→ **Required action**: Check each line of the data below for the word "spatial", then extract the ones that have it.

BEGIN

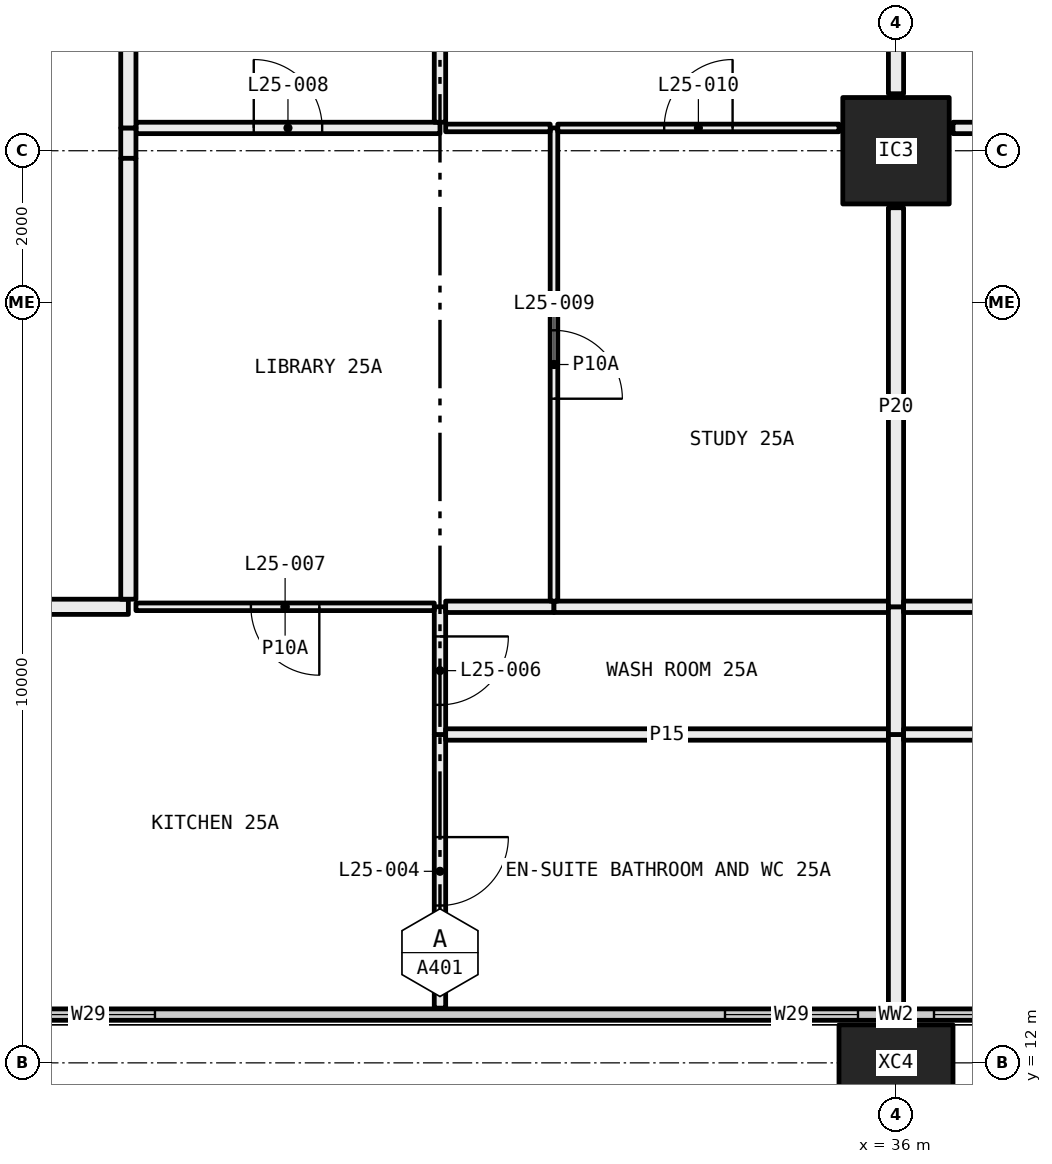
"""IFC4 building model, lengths in metres.
Left out: names, types, materials, properties, quantities, classifications, styles, units other than length and angle.
Written with IfcOpenShell. Run it as: python <this file> out.ifc"""

import sys

from ifc_helpers import new_model, si_unit, direction, frame, frame_2d, origin, origin_2d, place, context, subcontext, project, spatial, rectangle, hollow_rectangle, extrude, element, fill, save


model = new_model("IFC4")
c1 = context("Model", 3, precision=1e-05, world=origin(), true_north=direction((0.0, 1.0)))
c2 = subcontext(c1, "Body", "Model", "MODEL_VIEW")
j1 = project(units=[si_unit("LENGTHUNIT", "METRE"), si_unit("PLANEANGLEUNIT", "RADIAN")], contexts=[c1])
p1 = place(None, origin())
s1 = spatial("IfcSite", under=j1, at=p1, CompositionType="ELEMENT")
p2 = place(p1, origin())
s2 = spatial("IfcBuilding", under=s1, at=p2, CompositionType="ELEMENT")
p3 = place(p2, frame((0.0, 0.0, 100.05)))
s3 = spatial("IfcBuildingStorey", under=s2, at=p3, CompositionType="ELEMENT", Elevation=100.05)
p4 = place(p3, frame((36.0, 12.0, -0.4), z_axis=(0.0, 0.0, 1.0), x_axis=(1.0, 0.0, 0.0)))
e1 = element("IfcColumn", 1, at=p4, inside=s3, PredefinedType="COLUMN", context=c2, shape_type="SweptSolid", body=[
    extrude(hollow_rectangle(XDim=1.5, YDim=1.0, WallThickness=0.06, at=origin_2d()), origin(), (0.0, 0.0, 1.0), 3.45),
])
p5 = place(p3, frame((36.0, 24.0, 0.0), z_axis=(0.0, 0.0, 1.0), x_axis=(1.0, 0.0, 0.0)))
e2 = element("IfcColumn", 2, at=p5, inside=s3, PredefinedType="COLUMN", context=c2, shape_type="SweptSolid", body=[
    extrude(hollow_rectangle(XDim=1.4, YDim=1.4, WallThickness=0.06, at=origin_2d()), origin(), (0.0, 0.0, 1.0), 3.05),
])
p6 = place(p3, frame((6.56, 12.635, 0.0), z_axis=(0.0, 0.0, 1.0), x_axis=(1.0, 0.0, 0.0)))
e3 = element("IfcWall", 3, at=p6, inside=s3, PredefinedType="ELEMENTEDWALL", context=c2, shape_type="SweptSolid", body=[
    extrude(rectangle(XDim=58.88, YDim=0.15, at=frame_2d((29.44, 0.0))), origin(), (0.0, 0.0, 1.0), 3.05),
])
p7 = place(p6, frame((0.44, 0.0, 0.45)))
e4 = element("IfcOpeningElement", 4, at=p7, cuts=e3, PredefinedType="OPENING", context=c2, shape_type="SweptSolid", body=[
    extrude(rectangle(XDim=4.5, YDim=2.55, at=frame_2d((2.25, 1.275))), frame((0.0, 0.085, 0.0), z_axis=(0.0, -1.0, 0.0), x_axis=(1.0, 0.0, 0.0)), (0.0, 0.0, 1.0), 0.17),
])
p8 = place(p6, frame((5.94, 0.0, 0.45)))
e5 = element("IfcOpeningElement", 5, at=p8, cuts=e3, PredefinedType="OPENING", context=c2, shape_type="SweptSolid", body=[
    extrude(rectangle(XDim=1.75, YDim=2.55, at=frame_2d((0.875, 1.275))), frame((0.0, 0.085, 0.0), z_axis=(0.0, -1.0, 0.0), x_axis=(1.0, 0.0, 0.0)), (0.0, 0.0, 1.0), 0.17),
])
p9 = place(p6, frame((15.19, 0.0, 0.45)))
e6 = element("IfcOpeningElement", 6, at=p9, cuts=e3, PredefinedType="OPENING", context=c2, shape_type="SweptSolid", body=[
    extrude(rectangle(XDim=1.75, YDim=2.55, at=frame_2d((0.875, 1.275))), frame((0.0, 0.085, 0.0), z_axis=(0.0, -1.0, 0.0), x_axis=(1.0, 0.0, 0.0)), (0.0, 0.0, 1.0), 0.17),
])
p10 = place(p6, frame((17.94, 0.0, 0.45)))
e7 = element("IfcOpeningElement", 7, at=p10, cuts=e3, PredefinedType="OPENING", context=c2, shape_type="SweptSolid", body=[
    extrude(rectangle(XDim=1.75, YDim=2.55, at=frame_2d((0.875, 1.275))), frame((0.0, 0.085, 0.0), z_axis=(0.0, -1.0, 0.0), x_axis=(1.0, 0.0, 0.0)), (0.0, 0.0, 1.0), 0.17),
])
p11 = place(p6, frame((27.19, 0.0, 0.45)))
e8 = element("IfcOpeningElement", 8, at=p11, cuts=e3, PredefinedType="OPENING", context=c2, shape_type="SweptSolid", body=[
    extrude(rectangle(XDim=1.75, YDim=2.55, at=frame_2d((0.875, 1.275))), frame((0.0, 0.085, 0.0), z_axis=(0.0, -1.0, 0.0), x_axis=(1.0, 0.0, 0.0)), (0.0, 0.0, 1.0), 0.17),
])
p12 = place(p6, frame((29.94, 0.0, 0.45)))
e9 = element("IfcOpeningElement", 9, at=p12, cuts=e3, PredefinedType="OPENING", context=c2, shape_type="SweptSolid", body=[
    extrude(rectangle(XDim=1.75, YDim=2.55, at=frame_2d((0.875, 1.275))), frame((0.0, 0.085, 0.0), z_axis=(0.0, -1.0, 0.0), x_axis=(1.0, 0.0, 0.0)), (0.0, 0.0, 1.0), 0.17),
])
p13 = place(p6, frame((39.19, 0.0, 0.45)))
e10 = element("IfcOpeningElement", 10, at=p13, cuts=e3, PredefinedType="OPENING", context=c2, shape_type="SweptSolid", body=[
    extrude(rectangle(XDim=1.75, YDim=2.55, at=frame_2d((0.875, 1.275))), frame((0.0, 0.085, 0.0), z_axis=(0.0, -1.0, 0.0), x_axis=(1.0, 0.0, 0.0)), (0.0, 0.0, 1.0), 0.17),
])
p14 = place(p6, frame((41.94, 0.0, 0.45)))
e11 = element("IfcOpeningElement", 11, at=p14, cuts=e3, PredefinedType="OPENING", context=c2, shape_type="SweptSolid", body=[
    extrude(rectangle(XDim=1.75, YDim=2.55, at=frame_2d((0.875, 1.275))), frame((0.0, 0.085, 0.0), z_axis=(0.0, -1.0, 0.0), x_axis=(1.0, 0.0, 0.0)), (0.0, 0.0, 1.0), 0.17),
])
p15 = place(p6, frame((51.19, 0.0, 0.45)))
e12 = element("IfcOpeningElement", 12, at=p15, cuts=e3, PredefinedType="OPENING", context=c2, shape_type="SweptSolid", body=[
    extrude(rectangle(XDim=1.75, YDim=2.55, at=frame_2d((0.875, 1.275))), frame((0.0, 0.085, 0.0), z_axis=(0.0, -1.0, 0.0), x_axis=(1.0, 0.0, 0.0)), (0.0, 0.0, 1.0), 0.17),
])
p16 = place(p6, frame((53.94, 0.0, 0.45)))
e13 = element("IfcOpeningElement", 13, at=p16, cuts=e3, PredefinedType="OPENING", context=c2, shape_type="SweptSolid", body=[
    extrude(rectangle(XDim=4.5, YDim=2.55, at=frame_2d((2.25, 1.275))), frame((0.0, 0.085, 0.0), z_axis=(0.0, -1.0, 0.0), x_axis=(1.0, 0.0, 0.0)), (0.0, 0.0, 1.0), 0.17),
])
p17 = place(p3, frame((30.0, 12.72, 0.0), z_axis=(0.0, 0.0, 1.0), x_axis=(0.0, 1.0, 0.0)))
e14 = element("IfcWall", 14, at=p17, inside=s3, PredefinedType="PARTITIONING", context=c2, shape_type="SweptSolid", body=[
    extrude(rectangle(XDim=3.6, YDim=0.15, at=frame_2d((1.8, 0.0))), origin(), (0.0, 0.0, 1.0), 3.05),
])
p18 = place(p17, frame((1.35, 0.0, 0.0)))
e15 = element("IfcOpeningElement", 15, at=p18, cuts=e14, PredefinedType="OPENING", context=c2, shape_type="SweptSolid", body=[
    extrude(rectangle(XDim=0.9, YDim=2.1, at=frame_2d((0.45, 1.05))), frame((0.0, 0.085, 0.0), z_axis=(0.0, -1.0, 0.0), x_axis=(1.0, 0.0, 0.0)), (0.0, 0.0, 1.0), 0.17),
])
p19 = place(p3, frame((30.0, 16.32, 0.0), z_axis=(0.0, 0.0, 1.0), x_axis=(0.0, 1.0, 0.0)))
e16 = element("IfcWall", 16, at=p19, inside=s3, PredefinedType="PARTITIONING", context=c2, shape_type="SweptSolid", body=[
    extrude(rectangle(XDim=1.68, YDim=0.15, at=frame_2d((0.84, 0.0))), origin(), (0.0, 0.0, 1.0), 3.05),
])
p20 = place(p19, frame((0.39, 0.0, 0.0)))
e17 = element("IfcOpeningElement", 17, at=p20, cuts=e16, PredefinedType="OPENING", context=c2, shape_type="SweptSolid", body=[
    extrude(rectangle(XDim=0.9, YDim=2.1, at=frame_2d((0.45, 1.05))), frame((0.0, 0.085, 0.0), z_axis=(0.0, -1.0, 0.0), x_axis=(1.0, 0.0, 0.0)), (0.0, 0.0, 1.0), 0.17),
])
p21 = place(p3, frame((29.925, 18.0, 0.0), z_axis=(0.0, 0.0, 1.0), x_axis=(-1.0, 0.0, 0.0)))
e18 = element("IfcWall", 18, at=p21, inside=s3, PredefinedType="PARTITIONING", context=c2, shape_type="SweptSolid", body=[
    extrude(rectangle(XDim=3.925, YDim=0.1, at=frame_2d((1.962, 0.0))), origin(), (0.0, 0.0, 1.0), 3.05),
])
p22 = place(p21, frame((1.512, 0.0, 0.0)))
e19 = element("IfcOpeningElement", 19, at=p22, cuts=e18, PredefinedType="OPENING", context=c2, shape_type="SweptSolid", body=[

END

→ **Answer area**:
from ifc_helpers import new_model, si_unit, direction, frame, frame_2d, origin, origin_2d, place, context, subcontext, project, spatial, rectangle, hollow_rectangle, extrude, element, fill, save
s1 = spatial("IfcSite", under=j1, at=p1, CompositionType="ELEMENT")
s2 = spatial("IfcBuilding", under=s1, at=p2, CompositionType="ELEMENT")
s3 = spatial("IfcBuildingStorey", under=s2, at=p3, CompositionType="ELEMENT", Elevation=100.05)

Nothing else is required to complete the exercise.